## Problem description
Go through the listing and pick out each line with the word "under" in it.

## Data supplied
※ ※ ※

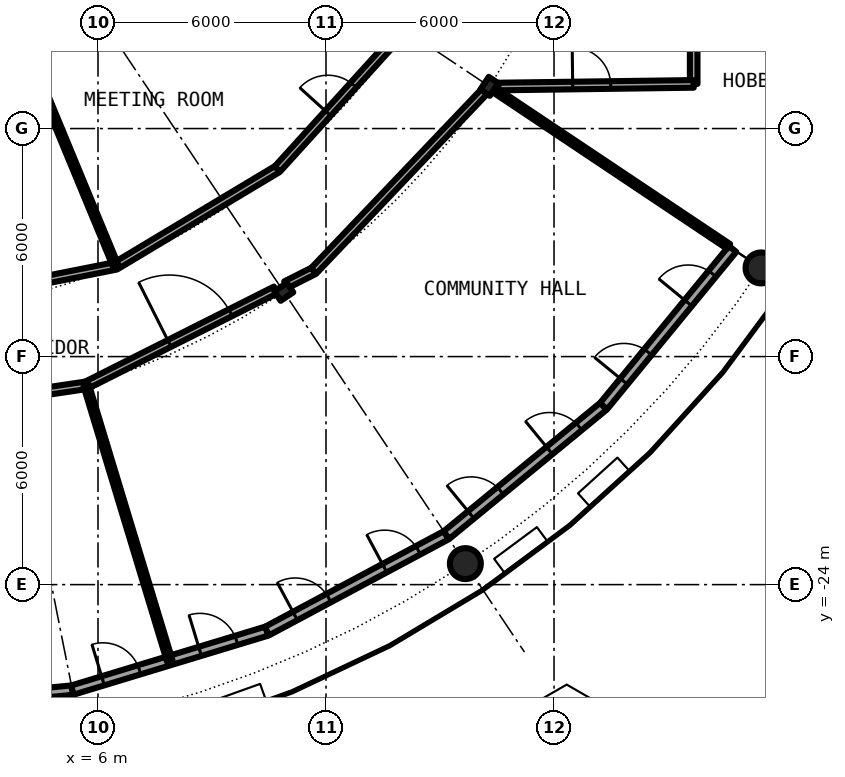
"""IFC4 building model, lengths in metres.
Left out: names, types, materials, properties, quantities, classifications, styles, units other than length and angle.
Written with IfcOpenShell. Run it as: python <this file> out.ifc"""

import sys

from ifc_helpers import new_model, si_unit, direction, frame, frame_2d, origin, origin_2d, place, context, subcontext, project, spatial, rectangle, hollow_circle, i_section, extrude, element, fill, save


model = new_model("IFC4")
c1 = context("Model", 3, precision=1e-05, world=origin(), true_north=direction((0.0, 1.0)))
c2 = subcontext(c1, "Body", "Model", "MODEL_VIEW")
j1 = project(units=[si_unit("LENGTHUNIT", "METRE"), si_unit("PLANEANGLEUNIT", "RADIAN")], contexts=[c1])
p1 = place(None, origin())
s1 = spatial("IfcSite", under=j1, at=p1, CompositionType="ELEMENT")
p2 = place(p1, origin())
s2 = spatial("IfcBuilding", under=s1, at=p2, CompositionType="ELEMENT")
p3 = place(p2, frame((0.0, 0.0, 208.5)))
s3 = spatial("IfcBuildingStorey", under=s2, at=p3, CompositionType="ELEMENT", Elevation=208.5)
for number, where, z_axis, x_axis in (
    (1, (15.667, -23.448, 0.0), (0.0, 0.0, 1.0), (1.0, 0.0, 0.0)),
    (2, (23.448, -15.667, 0.0), (0.0, 0.0, 1.0), (1.0, 0.0, 0.0)),
):
    element("IfcColumn", number, at=place(p3, frame(where, z_axis=z_axis, x_axis=x_axis)), inside=s3, PredefinedType="COLUMN", context=c2, shape_type="SweptSolid", body=[
        extrude(hollow_circle(Radius=0.406, WallThickness=0.03, at=origin_2d()), origin(), (0.0, 0.0, 1.0), 4.2),
    ])
for number, where, z_axis, x_axis in (
    (3, (10.889, -16.297, 0.0), (0.0, 0.0, 1.0), (0.556, -0.831, 0.0)),
    (4, (16.297, -10.889, 0.0), (0.0, 0.0, 1.0), (0.831, -0.556, 0.0)),
):
    element("IfcColumn", number, at=place(p3, frame(where, z_axis=z_axis, x_axis=x_axis)), inside=s3, PredefinedType="COLUMN", context=c2, shape_type="SweptSolid", body=[
        extrude(i_section(OverallWidth=0.3, OverallDepth=0.4, WebThickness=0.013, FlangeThickness=0.024, FilletRadius=0.027, at=origin_2d()), origin(), (0.0, 0.0, 1.0), 4.2),
    ])
p4 = place(p3, frame((0.0, -27.3, 0.0), z_axis=(0.0, 0.0, 1.0), x_axis=(0.995173996315, 0.098126026407, 0.0)))
e5 = element("IfcWall", 5, at=p4, inside=s3, PredefinedType="SOLIDWALL", context=c2, shape_type="SweptSolid", body=[
    extrude(rectangle(XDim=5.352, YDim=0.25, at=frame_2d((2.676, 0.0))), origin(), (0.0, 0.0, 1.0), 3.85),
])
p5 = place(p4, frame((0.841, 0.0, 0.0)))
e6 = element("IfcOpeningElement", 6, at=p5, cuts=e5, PredefinedType="OPENING", context=c2, shape_type="SweptSolid", body=[
    extrude(rectangle(XDim=1.0, YDim=2.2, at=frame_2d((0.5, 1.1))), frame((0.0, 0.135, 0.0), z_axis=(0.0, -1.0, 0.0), x_axis=(1.0, 0.0, 0.0)), (0.0, 0.0, 1.0), 0.27),
])
p6 = place(p4, frame((3.51, 0.0, 0.0)))
e7 = element("IfcOpeningElement", 7, at=p6, cuts=e5, PredefinedType="OPENING", context=c2, shape_type="SweptSolid", body=[
    extrude(rectangle(XDim=1.0, YDim=2.2, at=frame_2d((0.5, 1.1))), frame((0.0, 0.135, 0.0), z_axis=(0.0, -1.0, 0.0), x_axis=(1.0, 0.0, 0.0)), (0.0, 0.0, 1.0), 0.27),
])
p7 = place(p3, frame((5.326, -26.775, 0.0), z_axis=(0.0, 0.0, 1.0), x_axis=(0.956965678721, 0.290201119486, 0.0)))
e8 = element("IfcWall", 8, at=p7, inside=s3, PredefinedType="SOLIDWALL", context=c2, shape_type="SweptSolid", body=[
    extrude(rectangle(XDim=5.351, YDim=0.25, at=frame_2d((2.676, 0.0))), origin(), (0.0, 0.0, 1.0), 3.85),
])
p8 = place(p7, frame((0.841, 0.0, 0.0)))
e9 = element("IfcOpeningElement", 9, at=p8, cuts=e8, PredefinedType="OPENING", context=c2, shape_type="SweptSolid", body=[
    extrude(rectangle(XDim=1.0, YDim=2.2, at=frame_2d((0.5, 1.1))), frame((0.0, 0.135, 0.0), z_axis=(0.0, -1.0, 0.0), x_axis=(1.0, 0.0, 0.0)), (0.0, 0.0, 1.0), 0.27),
])
p9 = place(p7, frame((3.51, 0.0, 0.0)))
e10 = element("IfcOpeningElement", 10, at=p9, cuts=e8, PredefinedType="OPENING", context=c2, shape_type="SweptSolid", body=[
    extrude(rectangle(XDim=1.0, YDim=2.2, at=frame_2d((0.5, 1.1))), frame((0.0, 0.135, 0.0), z_axis=(0.0, -1.0, 0.0), x_axis=(1.0, 0.0, 0.0)), (0.0, 0.0, 1.0), 0.27),
])
p10 = place(p3, frame((10.447, -25.222, 0.0), z_axis=(0.0, 0.0, 1.0), x_axis=(0.881915646801, 0.471407246368, 0.0)))
e11 = element("IfcWall", 11, at=p10, inside=s3, PredefinedType="SOLIDWALL", context=c2, shape_type="SweptSolid", body=[
    extrude(rectangle(XDim=5.352, YDim=0.25, at=frame_2d((2.676, 0.0))), origin(), (0.0, 0.0, 1.0), 3.85),
])
p11 = place(p10, frame((0.841, 0.0, 0.0)))
e12 = element("IfcOpeningElement", 12, at=p11, cuts=e11, PredefinedType="OPENING", context=c2, shape_type="SweptSolid", body=[
    extrude(rectangle(XDim=1.0, YDim=2.2, at=frame_2d((0.5, 1.1))), frame((0.0, 0.135, 0.0), z_axis=(0.0, -1.0, 0.0), x_axis=(1.0, 0.0, 0.0)), (0.0, 0.0, 1.0), 0.27),
])
p12 = place(p10, frame((3.51, 0.0, 0.0)))
e13 = element("IfcOpeningElement", 13, at=p12, cuts=e11, PredefinedType="OPENING", context=c2, shape_type="SweptSolid", body=[
    extrude(rectangle(XDim=1.0, YDim=2.2, at=frame_2d((0.5, 1.1))), frame((0.0, 0.135, 0.0), z_axis=(0.0, -1.0, 0.0), x_axis=(1.0, 0.0, 0.0)), (0.0, 0.0, 1.0), 0.27),
])
p13 = place(p3, frame((15.167, -22.699, 0.0), z_axis=(0.0, 0.0, 1.0), x_axis=(0.773019449054, 0.634382322723, 0.0)))
e14 = element("IfcWall", 14, at=p13, inside=s3, PredefinedType="SOLIDWALL", context=c2, shape_type="SweptSolid", body=[
    extrude(rectangle(XDim=5.352, YDim=0.25, at=frame_2d((2.676, 0.0))), origin(), (0.0, 0.0, 1.0), 3.85),
])
p14 = place(p13, frame((0.841, 0.0, 0.0)))
e15 = element("IfcOpeningElement", 15, at=p14, cuts=e14, PredefinedType="OPENING", context=c2, shape_type="SweptSolid", body=[
    extrude(rectangle(XDim=1.0, YDim=2.2, at=frame_2d((0.5, 1.1))), frame((0.0, 0.135, 0.0), z_axis=(0.0, -1.0, 0.0), x_axis=(1.0, 0.0, 0.0)), (0.0, 0.0, 1.0), 0.27),
])
p15 = place(p13, frame((3.51, 0.0, 0.0)))
e16 = element("IfcOpeningElement", 16, at=p15, cuts=e14, PredefinedType="OPENING", context=c2, shape_type="SweptSolid", body=[
    extrude(rectangle(XDim=1.0, YDim=2.2, at=frame_2d((0.5, 1.1))), frame((0.0, 0.135, 0.0), z_axis=(0.0, -1.0, 0.0), x_axis=(1.0, 0.0, 0.0)), (0.0, 0.0, 1.0), 0.27),
])
p16 = place(p3, frame((19.304, -19.304, 0.0), z_axis=(0.0, 0.0, 1.0), x_axis=(0.634382322723, 0.773019449054, 0.0)))
e17 = element("IfcWall", 17, at=p16, inside=s3, PredefinedType="SOLIDWALL", context=c2, shape_type="SweptSolid", body=[
    extrude(rectangle(XDim=5.352, YDim=0.25, at=frame_2d((2.676, 0.0))), origin(), (0.0, 0.0, 1.0), 3.85),
])
p17 = place(p16, frame((0.841, 0.0, 0.0)))
e18 = element("IfcOpeningElement", 18, at=p17, cuts=e17, PredefinedType="OPENING", context=c2, shape_type="SweptSolid", body=[
    extrude(rectangle(XDim=1.0, YDim=2.2, at=frame_2d((0.5, 1.1))), frame((0.0, 0.135, 0.0), z_axis=(0.0, -1.0, 0.0), x_axis=(1.0, 0.0, 0.0)), (0.0, 0.0, 1.0), 0.27),
])
p18 = place(p16, frame((3.51, 0.0, 0.0)))
e19 = element("IfcOpeningElement", 19, at=p18, cuts=e17, PredefinedType="OPENING", context=c2, shape_type="SweptSolid", body=[
    extrude(rectangle(XDim=1.0, YDim=2.2, at=frame_2d((0.5, 1.1))), frame((0.0, 0.135, 0.0), z_axis=(0.0, -1.0, 0.0), x_axis=(1.0, 0.0, 0.0)), (0.0, 0.0, 1.0), 0.27),
])
p19 = place(p3, frame((21.675, -10.825, 0.0), z_axis=(0.0, 0.0, 1.0), x_axis=(0.0, 1.0, 0.0)))
e20 = element("IfcWall", 20, at=p19, inside=s3, PredefinedType="PARTITIONING", context=c2, shape_type="SweptSolid", body=[
    extrude(rectangle(XDim=1.775, YDim=0.2, at=frame_2d((0.887, 0.0))), origin(), (0.0, 0.0, 1.0), 3.85),
])
p20 = place(p3, frame((3.936, -19.016, 0.0), z_axis=(0.0, 0.0, 1.0), x_axis=(0.989189411235, 0.1466434748, 0.0)))
e21 = element("IfcWall", 21, at=p20, inside=s3, PredefinedType="PARTITIONING", context=c2, shape_type="SweptSolid", body=[
    extrude(rectangle(XDim=1.773, YDim=0.2, at=frame_2d((0.887, 0.0))), origin(), (0.0, 0.0, 1.0), 3.6),
])
p21 = place(p3, frame((5.69, -18.756, 0.0), z_axis=(0.0, 0.0, 1.0), x_axis=(0.893242938285, 0.449574302206, 0.0)))
e22 = element("IfcWall", 22, at=p21, inside=s3, PredefinedType="PARTITIONING", context=c2, shape_type="SweptSolid", body=[
    extrude(rectangle(XDim=5.581, YDim=0.2, at=frame_2d((2.791, 0.0))), origin(), (0.0, 0.0, 1.0), 3.6),
])
p22 = place(p21, frame((2.451, 0.0, 0.0)))
e23 = element("IfcOpeningElement", 23, at=p22, cuts=e22, PredefinedType="OPENING", context=c2, shape_type="SweptSolid", body=[
    extrude(rectangle(XDim=1.8, YDim=2.3, at=frame_2d((0.9, 1.15))), frame((0.0, 0.11, 0.0), z_axis=(0.0, -1.0, 0.0), x_axis=(1.0, 0.0, 0.0)), (0.0, 0.0, 1.0), 0.22),
])
p23 = place(p3, frame((10.945, -16.111, 0.0), z_axis=(0.0, 0.0, 1.0), x_axis=(0.893110817984, 0.449836711263, 0.0)))
e24 = element("IfcWall", 24, at=p23, inside=s3, PredefinedType="PARTITIONING", context=c2, shape_type="SweptSolid", body=[
    extrude(rectangle(XDim=0.818, YDim=0.2, at=frame_2d((0.409, 0.0))), origin(), (0.0, 0.0, 1.0), 3.85),
])
p24 = place(p3, frame((11.676, -15.743, 0.0), z_axis=(0.0, 0.0, 1.0), x_axis=(0.689484820725, 0.724300132535, 0.0)))
e25 = element("IfcWall", 25, at=p24, inside=s3, PredefinedType="PARTITIONING", context=c2, shape_type="SweptSolid", body=[
    extrude(rectangle(XDim=6.55, YDim=0.2, at=frame_2d((3.275, 0.0))), origin(), (0.0, 0.0, 1.0), 3.6),
])
p25 = place(p3, frame((6.467, -15.614, 0.0), z_axis=(0.0, 0.0, 1.0), x_axis=(0.857696997328, 0.514155483074, 0.0)))
e26 = element("IfcWall", 26, at=p25, inside=s3, PredefinedType="PARTITIONING", context=c2, shape_type="SweptSolid", body=[
    extrude(rectangle(XDim=4.96, YDim=0.2, at=frame_2d((2.48, 0.0))), origin(), (0.0, 0.0, 1.0), 3.85),
])
p26 = place(p3, frame((10.721, -13.064, 0.0), z_axis=(0.0, 0.0, 1.0), x_axis=(0.671634030197, 0.740883074095, 0.0)))
e27 = element("IfcWall", 27, at=p26, inside=s3, PredefinedType="PARTITIONING", context=c2, shape_type="SweptSolid", body=[
    extrude(rectangle(XDim=5.08, YDim=0.2, at=frame_2d((2.54, 0.0))), origin(), (0.0, 0.0, 1.0), 3.85),
])
p27 = place(p26, frame((1.98, 0.0, 0.0)))
e28 = element("IfcOpeningElement", 28, at=p27, cuts=e27, PredefinedType="OPENING", context=c2, shape_type="SweptSolid", body=[
    extrude(rectangle(XDim=1.0, YDim=2.3, at=frame_2d((0.5, 1.15))), frame((0.0, 0.11, 0.0), z_axis=(0.0, -1.0, 0.0), x_axis=(1.0, 0.0, 0.0)), (0.0, 0.0, 1.0), 0.22),
])
p28 = place(p3, frame((0.0, -16.9, 0.0), z_axis=(0.0, 0.0, 1.0), x_axis=(0.980799374359, 0.195019453537, 0.0)))
e29 = element("IfcWall", 29, at=p28, inside=s3, PredefinedType="PARTITIONING", context=c2, shape_type="SweptSolid", body=[
    extrude(rectangle(XDim=6.594, YDim=0.2, at=frame_2d((3.297, 0.0))), origin(), (0.0, 0.0, 1.0), 3.85),
])
p29 = place(p28, frame((2.797, 0.0, 0.0)))
e30 = element("IfcOpeningElement", 30, at=p29, cuts=e29, PredefinedType="OPENING", context=c2, shape_type="SweptSolid", body=[
    extrude(rectangle(XDim=1.0, YDim=2.3, at=frame_2d((0.5, 1.15))), frame((0.0, 0.11, 0.0), z_axis=(0.0, -1.0, 0.0), x_axis=(1.0, 0.0, 0.0)), (0.0, 0.0, 1.0), 0.22),
])
p30 = place(p3, frame((16.534, -10.894, 0.0), z_axis=(0.0, 0.0, 1.0), x_axis=(0.999909707888, 0.013437859594, 0.0)))
e31 = element("IfcWall", 31, at=p30, inside=s3, PredefinedType="PARTITIONING", context=c2, shape_type="SweptSolid", body=[
    extrude(rectangle(XDim=5.142, YDim=0.2, at=frame_2d((2.571, 0.0))), origin(), (0.0, 0.0, 1.0), 3.85),
])
p31 = place(p30, frame((1.958, 0.0, 0.0)))
e32 = element("IfcOpeningElement", 32, at=p31, cuts=e31, PredefinedType="OPENING", context=c2, shape_type="SweptSolid", body=[
    extrude(rectangle(XDim=1.0, YDim=2.3, at=frame_2d((0.5, 1.15))), frame((0.0, 0.11, 0.0), z_axis=(0.0, -1.0, 0.0), x_axis=(1.0, 0.0, 0.0)), (0.0, 0.0, 1.0), 0.22),
])
p32 = place(p3, frame((2.954, -7.132, 0.0), z_axis=(0.0, 0.0, 1.0), x_axis=(0.382646942224, -0.923894646378, 0.0)))
e33 = element("IfcWall", 33, at=p32, inside=s3, PredefinedType="PARTITIONING", context=c2, shape_type="SweptSolid", body=[
    extrude(rectangle(XDim=9.181, YDim=0.15, at=frame_2d((4.59, 0.0))), origin(), (0.0, 0.0, 1.0), 3.85),
])
p33 = place(p3, frame((5.69, -18.756, 0.0), z_axis=(0.0, 0.0, 1.0), x_axis=(0.29017646164, -0.956973155898, 0.0)))
e34 = element("IfcWall", 34, at=p33, inside=s3, PredefinedType="PARTITIONING", context=c2, shape_type="SweptSolid", body=[
    extrude(rectangle(XDim=7.575, YDim=0.15, at=frame_2d((3.787, 0.0))), origin(), (0.0, 0.0, 1.0), 3.85),
])
p34 = place(p3, frame((16.461, -11.003, 0.0), z_axis=(0.0, 0.0, 1.0), x_axis=(0.831418274402, -0.555647057933, 0.0)))
e35 = element("IfcWall", 35, at=p34, inside=s3, PredefinedType="PARTITIONING", context=c2, shape_type="SweptSolid", body=[
    extrude(rectangle(XDim=7.375, YDim=0.15, at=frame_2d((3.688, 0.0))), origin(), (0.0, 0.0, 1.0), 3.85),
])
p35 = place(p8, origin())
e36 = element("IfcDoor", 36, at=p35, inside=s3, OperationType="SINGLE_SWING_LEFT", PredefinedType="DOOR", context=c2, shape_type="SweptSolid", body=[
    extrude(rectangle(XDim=1.0, YDim=2.2, at=frame_2d((0.5, 1.1))), frame((0.0, 0.025, 0.0), z_axis=(0.0, -1.0, 0.0), x_axis=(1.0, 0.0, 0.0)), (0.0, 0.0, 1.0), 0.05),
])
fill(e9, e36)
p36 = place(p9, origin())
e37 = element("IfcDoor", 37, at=p36, inside=s3, OperationType="SINGLE_SWING_LEFT", PredefinedType="DOOR", context=c2, shape_type="SweptSolid", body=[
    extrude(rectangle(XDim=1.0, YDim=2.2, at=frame_2d((0.5, 1.1))), frame((0.0, 0.025, 0.0), z_axis=(0.0, -1.0, 0.0), x_axis=(1.0, 0.0, 0.0)), (0.0, 0.0, 1.0), 0.05),
])
fill(e10, e37)
p37 = place(p11, origin())
e38 = element("IfcDoor", 38, at=p37, inside=s3, OperationType="SINGLE_SWING_LEFT", PredefinedType="DOOR", context=c2, shape_type="SweptSolid", body=[
    extrude(rectangle(XDim=1.0, YDim=2.2, at=frame_2d((0.5, 1.1))), frame((0.0, 0.025, 0.0), z_axis=(0.0, -1.0, 0.0), x_axis=(1.0, 0.0, 0.0)), (0.0, 0.0, 1.0), 0.05),
])
fill(e12, e38)
p38 = place(p12, origin())
e39 = element("IfcDoor", 39, at=p38, inside=s3, OperationType="SINGLE_SWING_LEFT", PredefinedType="DOOR", context=c2, shape_type="SweptSolid", body=[
    extrude(rectangle(XDim=1.0, YDim=2.2, at=frame_2d((0.5, 1.1))), frame((0.0, 0.025, 0.0), z_axis=(0.0, -1.0, 0.0), x_axis=(1.0, 0.0, 0.0)), (0.0, 0.0, 1.0), 0.05),
])
fill(e13, e39)
p39 = place(p14, origin())
e40 = element("IfcDoor", 40, at=p39, inside=s3, OperationType="SINGLE_SWING_LEFT", PredefinedType="DOOR", context=c2, shape_type="SweptSolid", body=[
    extrude(rectangle(XDim=1.0, YDim=2.2, at=frame_2d((0.5, 1.1))), frame((0.0, 0.025, 0.0), z_axis=(0.0, -1.0, 0.0), x_axis=(1.0, 0.0, 0.0)), (0.0, 0.0, 1.0), 0.05),
])
fill(e15, e40)
p40 = place(p15, origin())
e41 = element("IfcDoor", 41, at=p40, inside=s3, OperationType="SINGLE_SWING_LEFT", PredefinedType="DOOR", context=c2, shape_type="SweptSolid", body=[
    extrude(rectangle(XDim=1.0, YDim=2.2, at=frame_2d((0.5, 1.1))), frame((0.0, 0.025, 0.0), z_axis=(0.0, -1.0, 0.0), x_axis=(1.0, 0.0, 0.0)), (0.0, 0.0, 1.0), 0.05),
])
fill(e16, e41)
p41 = place(p17, origin())
e42 = element("IfcDoor", 42, at=p41, inside=s3, OperationType="SINGLE_SWING_LEFT", PredefinedType="DOOR", context=c2, shape_type="SweptSolid", body=[
    extrude(rectangle(XDim=1.0, YDim=2.2, at=frame_2d((0.5, 1.1))), frame((0.0, 0.025, 0.0), z_axis=(0.0, -1.0, 0.0), x_axis=(1.0, 0.0, 0.0)), (0.0, 0.0, 1.0), 0.05),
])
fill(e18, e42)
p42 = place(p18, origin())
e43 = element("IfcDoor", 43, at=p42, inside=s3, OperationType="SINGLE_SWING_LEFT", PredefinedType="DOOR", context=c2, shape_type="SweptSolid", body=[
    extrude(rectangle(XDim=1.0, YDim=2.2, at=frame_2d((0.5, 1.1))), frame((0.0, 0.025, 0.0), z_axis=(0.0, -1.0, 0.0), x_axis=(1.0, 0.0, 0.0)), (0.0, 0.0, 1.0), 0.05),
])
fill(e19, e43)
p43 = place(p22, origin())
e44 = element("IfcDoor", 44, at=p43, inside=s3, OperationType="DOUBLE_DOOR_SINGLE_SWING", PredefinedType="DOOR", context=c2, shape_type="SweptSolid", body=[
    extrude(rectangle(XDim=1.8, YDim=2.3, at=frame_2d((0.9, 1.15))), frame((0.0, 0.025, 0.0), z_axis=(0.0, -1.0, 0.0), x_axis=(1.0, 0.0, 0.0)), (0.0, 0.0, 1.0), 0.05),
])
fill(e23, e44)
p44 = place(p27, origin())
e45 = element("IfcDoor", 45, at=p44, inside=s3, OperationType="SINGLE_SWING_RIGHT", PredefinedType="DOOR", context=c2, shape_type="SweptSolid", body=[
    extrude(rectangle(XDim=1.0, YDim=2.3, at=frame_2d((0.5, 1.15))), frame((0.0, 0.025, 0.0), z_axis=(0.0, -1.0, 0.0), x_axis=(1.0, 0.0, 0.0)), (0.0, 0.0, 1.0), 0.05),
])
fill(e28, e45)
p45 = place(p31, origin())
e46 = element("IfcDoor", 46, at=p45, inside=s3, OperationType="SINGLE_SWING_LEFT", PredefinedType="DOOR", context=c2, shape_type="SweptSolid", body=[
    extrude(rectangle(XDim=1.0, YDim=2.3, at=frame_2d((0.5, 1.15))), frame((0.0, 0.025, 0.0), z_axis=(0.0, -1.0, 0.0), x_axis=(1.0, 0.0, 0.0)), (0.0, 0.0, 1.0), 0.05),
])
fill(e32, e46)
save(model, sys.argv[1])

※ ※ ※

## Exercise answer
s1 = spatial("IfcSite", under=j1, at=p1, CompositionType="ELEMENT")
s2 = spatial("IfcBuilding", under=s1, at=p2, CompositionType="ELEMENT")
s3 = spatial("IfcBuildingStorey", under=s2, at=p3, CompositionType="ELEMENT", Elevation=208.5)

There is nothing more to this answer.